▸ **WORK TASK**
Copy out each line of the data that contains "OPENING".

BEGIN ENTRIES SHOWN

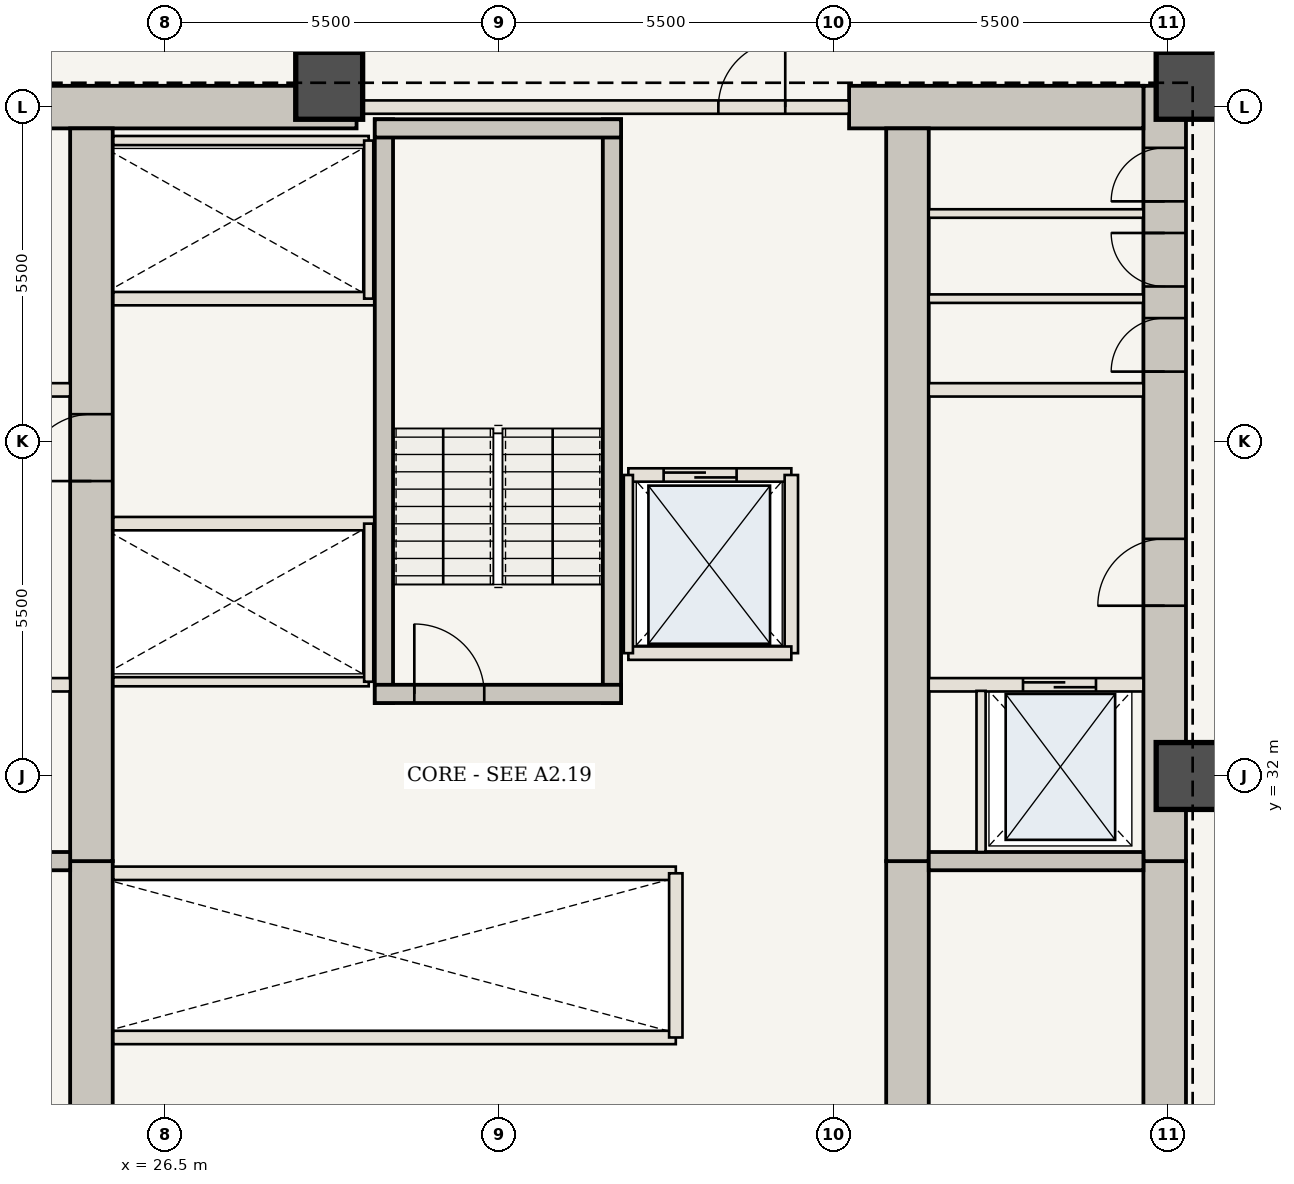
"""IFC4 building model, lengths in metres.
Left out: names, types, materials, properties, quantities, classifications, styles, units other than length and angle.
Written with IfcOpenShell. Run it as: python <this file> out.ifc"""

import sys

from ifc_helpers import new_model, si_unit, direction, frame, frame_2d, origin, origin_2d, place, context, subcontext, project, spatial, rectangle, extrude, element, fill, save


model = new_model("IFC4")
c1 = context("Model", 3, precision=1e-05, world=origin(), true_north=direction((0.0, 1.0)))
c2 = subcontext(c1, "Body", "Model", "MODEL_VIEW")
j1 = project(units=[si_unit("LENGTHUNIT", "METRE"), si_unit("PLANEANGLEUNIT", "RADIAN")], contexts=[c1])
p1 = place(None, origin())
s1 = spatial("IfcSite", under=j1, at=p1, CompositionType="ELEMENT")
p2 = place(p1, origin())
s2 = spatial("IfcBuilding", under=s1, at=p2, CompositionType="ELEMENT")
p3 = place(p2, frame((0.0, 0.0, 73.85)))
s3 = spatial("IfcBuildingStorey", under=s2, at=p3, CompositionType="ELEMENT", Elevation=73.85)
p4 = place(p3, frame((42.94, 20.6, 0.0), z_axis=(0.0, 0.0, 1.0), x_axis=(0.0, 1.0, 0.0)))
e1 = element("IfcWall", 1, at=p4, inside=s3, PredefinedType="SHEAR", context=c2, shape_type="SweptSolid", body=[
    extrude(rectangle(XDim=10.0, YDim=0.7, at=frame_2d((5.0, 0.0))), origin(), (0.0, 0.0, 1.0), 3.5),
])
p5 = place(p4, frame((1.15, 0.0, 0.0)))
e2 = element("IfcOpeningElement", 2, at=p5, cuts=e1, PredefinedType="OPENING", context=c2, shape_type="SweptSolid", body=[
    extrude(rectangle(XDim=1.15, YDim=2.15, at=frame_2d((0.575, 1.075))), frame((0.0, 0.36, 0.0), z_axis=(0.0, -1.0, 0.0), x_axis=(1.0, 0.0, 0.0)), (0.0, 0.0, 1.0), 0.72),
])
p6 = place(p3, frame((42.94, 30.6, 0.0), z_axis=(0.0, 0.0, 1.0), x_axis=(0.0, 1.0, 0.0)))
e3 = element("IfcWall", 3, at=p6, inside=s3, PredefinedType="SHEAR", context=c2, shape_type="SweptSolid", body=[
    extrude(rectangle(XDim=12.75, YDim=0.7, at=frame_2d((6.375, 0.0))), origin(), (0.0, 0.0, 1.0), 3.5),
])
p7 = place(p6, frame((4.2, 0.0, 0.0)))
e4 = element("IfcOpeningElement", 4, at=p7, cuts=e3, PredefinedType="OPENING", context=c2, shape_type="SweptSolid", body=[
    extrude(rectangle(XDim=1.1, YDim=2.15, at=frame_2d((0.55, 1.075))), frame((0.0, 0.36, 0.0), z_axis=(0.0, -1.0, 0.0), x_axis=(1.0, 0.0, 0.0)), (0.0, 0.0, 1.0), 0.72),
])
p8 = place(p6, frame((8.05, 0.0, 0.0)))
e5 = element("IfcOpeningElement", 5, at=p8, cuts=e3, PredefinedType="OPENING", context=c2, shape_type="SweptSolid", body=[
    extrude(rectangle(XDim=0.88, YDim=2.1, at=frame_2d((0.44, 1.05))), frame((0.0, 0.36, 0.0), z_axis=(0.0, -1.0, 0.0), x_axis=(1.0, 0.0, 0.0)), (0.0, 0.0, 1.0), 0.72),
])
p9 = place(p6, frame((9.45, 0.0, 0.0)))
e6 = element("IfcOpeningElement", 6, at=p9, cuts=e3, PredefinedType="OPENING", context=c2, shape_type="SweptSolid", body=[
    extrude(rectangle(XDim=0.88, YDim=2.1, at=frame_2d((0.44, 1.05))), frame((0.0, 0.36, 0.0), z_axis=(0.0, -1.0, 0.0), x_axis=(1.0, 0.0, 0.0)), (0.0, 0.0, 1.0), 0.72),
])
p10 = place(p6, frame((10.85, 0.0, 0.0)))
e7 = element("IfcOpeningElement", 7, at=p10, cuts=e3, PredefinedType="OPENING", context=c2, shape_type="SweptSolid", body=[
    extrude(rectangle(XDim=0.88, YDim=2.1, at=frame_2d((0.44, 1.05))), frame((0.0, 0.36, 0.0), z_axis=(0.0, -1.0, 0.0), x_axis=(1.0, 0.0, 0.0)), (0.0, 0.0, 1.0), 0.72),
])
p11 = place(p3, frame((21.41, 43.0, 0.0), z_axis=(0.0, 0.0, 1.0), x_axis=(1.0, 0.0, 0.0)))
e8 = element("IfcWall", 8, at=p11, inside=s3, PredefinedType="SHEAR", context=c2, shape_type="SweptSolid", body=[
    extrude(rectangle(XDim=8.24, YDim=0.7, at=frame_2d((4.12, 0.0))), origin(), (0.0, 0.0, 1.0), 3.5),
])
p12 = place(p3, frame((37.75, 43.0, 0.0), z_axis=(0.0, 0.0, 1.0), x_axis=(1.0, 0.0, 0.0)))
e9 = element("IfcWall", 9, at=p12, inside=s3, PredefinedType="SHEAR", context=c2, shape_type="SweptSolid", body=[
    extrude(rectangle(XDim=4.84, YDim=0.7, at=frame_2d((2.42, 0.0))), origin(), (0.0, 0.0, 1.0), 3.5),
])
p13 = place(p3, frame((25.29, 21.3, 0.0), z_axis=(0.0, 0.0, 1.0), x_axis=(0.0, 1.0, 0.0)))
e10 = element("IfcWall", 10, at=p13, inside=s3, PredefinedType="SHEAR", context=c2, shape_type="SweptSolid", body=[
    extrude(rectangle(XDim=9.3, YDim=0.7, at=frame_2d((4.65, 0.0))), origin(), (0.0, 0.0, 1.0), 3.5),
])
p14 = place(p3, frame((25.29, 30.6, 0.0), z_axis=(0.0, 0.0, 1.0), x_axis=(0.0, 1.0, 0.0)))
e11 = element("IfcWall", 11, at=p14, inside=s3, PredefinedType="SHEAR", context=c2, shape_type="SweptSolid", body=[
    extrude(rectangle(XDim=12.05, YDim=0.7, at=frame_2d((6.025, 0.0))), origin(), (0.0, 0.0, 1.0), 3.5),
])
p15 = place(p14, frame((6.25, 0.0, 0.0)))
e12 = element("IfcOpeningElement", 12, at=p15, cuts=e11, PredefinedType="OPENING", context=c2, shape_type="SweptSolid", body=[
    extrude(rectangle(XDim=1.1, YDim=2.15, at=frame_2d((0.55, 1.075))), frame((0.0, 0.36, 0.0), z_axis=(0.0, -1.0, 0.0), x_axis=(1.0, 0.0, 0.0)), (0.0, 0.0, 1.0), 0.72),
])
p16 = place(p3, frame((38.71, 21.3, 0.0), z_axis=(0.0, 0.0, 1.0), x_axis=(0.0, 1.0, 0.0)))
e13 = element("IfcWall", 13, at=p16, inside=s3, PredefinedType="SHEAR", context=c2, shape_type="SweptSolid", body=[
    extrude(rectangle(XDim=9.3, YDim=0.7, at=frame_2d((4.65, 0.0))), origin(), (0.0, 0.0, 1.0), 3.5),
])
p17 = place(p3, frame((38.71, 30.6, 0.0), z_axis=(0.0, 0.0, 1.0), x_axis=(0.0, 1.0, 0.0)))
e14 = element("IfcWall", 14, at=p17, inside=s3, PredefinedType="SHEAR", context=c2, shape_type="SweptSolid", body=[
    extrude(rectangle(XDim=12.05, YDim=0.7, at=frame_2d((6.025, 0.0))), origin(), (0.0, 0.0, 1.0), 3.5),
])
for number, where, z_axis, x_axis in (
    (15, (43.35, 32.0, 0.0), (0.0, 0.0, 1.0), (1.0, 0.0, 0.0)),
    (16, (43.35, 43.35, 0.0), (0.0, 0.0, 1.0), (1.0, 0.0, 0.0)),
    (17, (29.2, 43.35, 0.0), (0.0, 0.0, 1.0), (1.0, 0.0, 0.0)),
):
    element("IfcColumn", number, at=place(p3, frame(where, z_axis=z_axis, x_axis=x_axis)), inside=s3, PredefinedType="COLUMN", context=c2, shape_type="SweptSolid", body=[
        extrude(rectangle(XDim=1.1, YDim=1.1, at=origin_2d()), origin(), (0.0, 0.0, 1.0), 3.5),
    ])
for number, where, z_axis, x_axis in (
    (18, (21.41, 30.6, 0.0), (0.0, 0.0, 1.0), (1.0, 0.0, 0.0)),
    (19, (39.06, 30.6, 0.0), (0.0, 0.0, 1.0), (1.0, 0.0, 0.0)),
):
    element("IfcWall", number, at=place(p3, frame(where, z_axis=z_axis, x_axis=x_axis)), inside=s3, PredefinedType="SHEAR", context=c2, shape_type="SweptSolid", body=[
        extrude(rectangle(XDim=3.53, YDim=0.3, at=frame_2d((1.765, 0.0))), origin(), (0.0, 0.0, 1.0), 3.24),
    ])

END ENTRIES SHOWN

▸ **THE ANSWER**
e2 = element("IfcOpeningElement", 2, at=p5, cuts=e1, PredefinedType="OPENING", context=c2, shape_type="SweptSolid", body=[
e4 = element("IfcOpeningElement", 4, at=p7, cuts=e3, PredefinedType="OPENING", context=c2, shape_type="SweptSolid", body=[
e5 = element("IfcOpeningElement", 5, at=p8, cuts=e3, PredefinedType="OPENING", context=c2, shape_type="SweptSolid", body=[
e6 = element("IfcOpeningElement", 6, at=p9, cuts=e3, PredefinedType="OPENING", context=c2, shape_type="SweptSolid", body=[
e7 = element("IfcOpeningElement", 7, at=p10, cuts=e3, PredefinedType="OPENING", context=c2, shape_type="SweptSolid", body=[
e12 = element("IfcOpeningElement", 12, at=p15, cuts=e11, PredefinedType="OPENING", context=c2, shape_type="SweptSolid", body=[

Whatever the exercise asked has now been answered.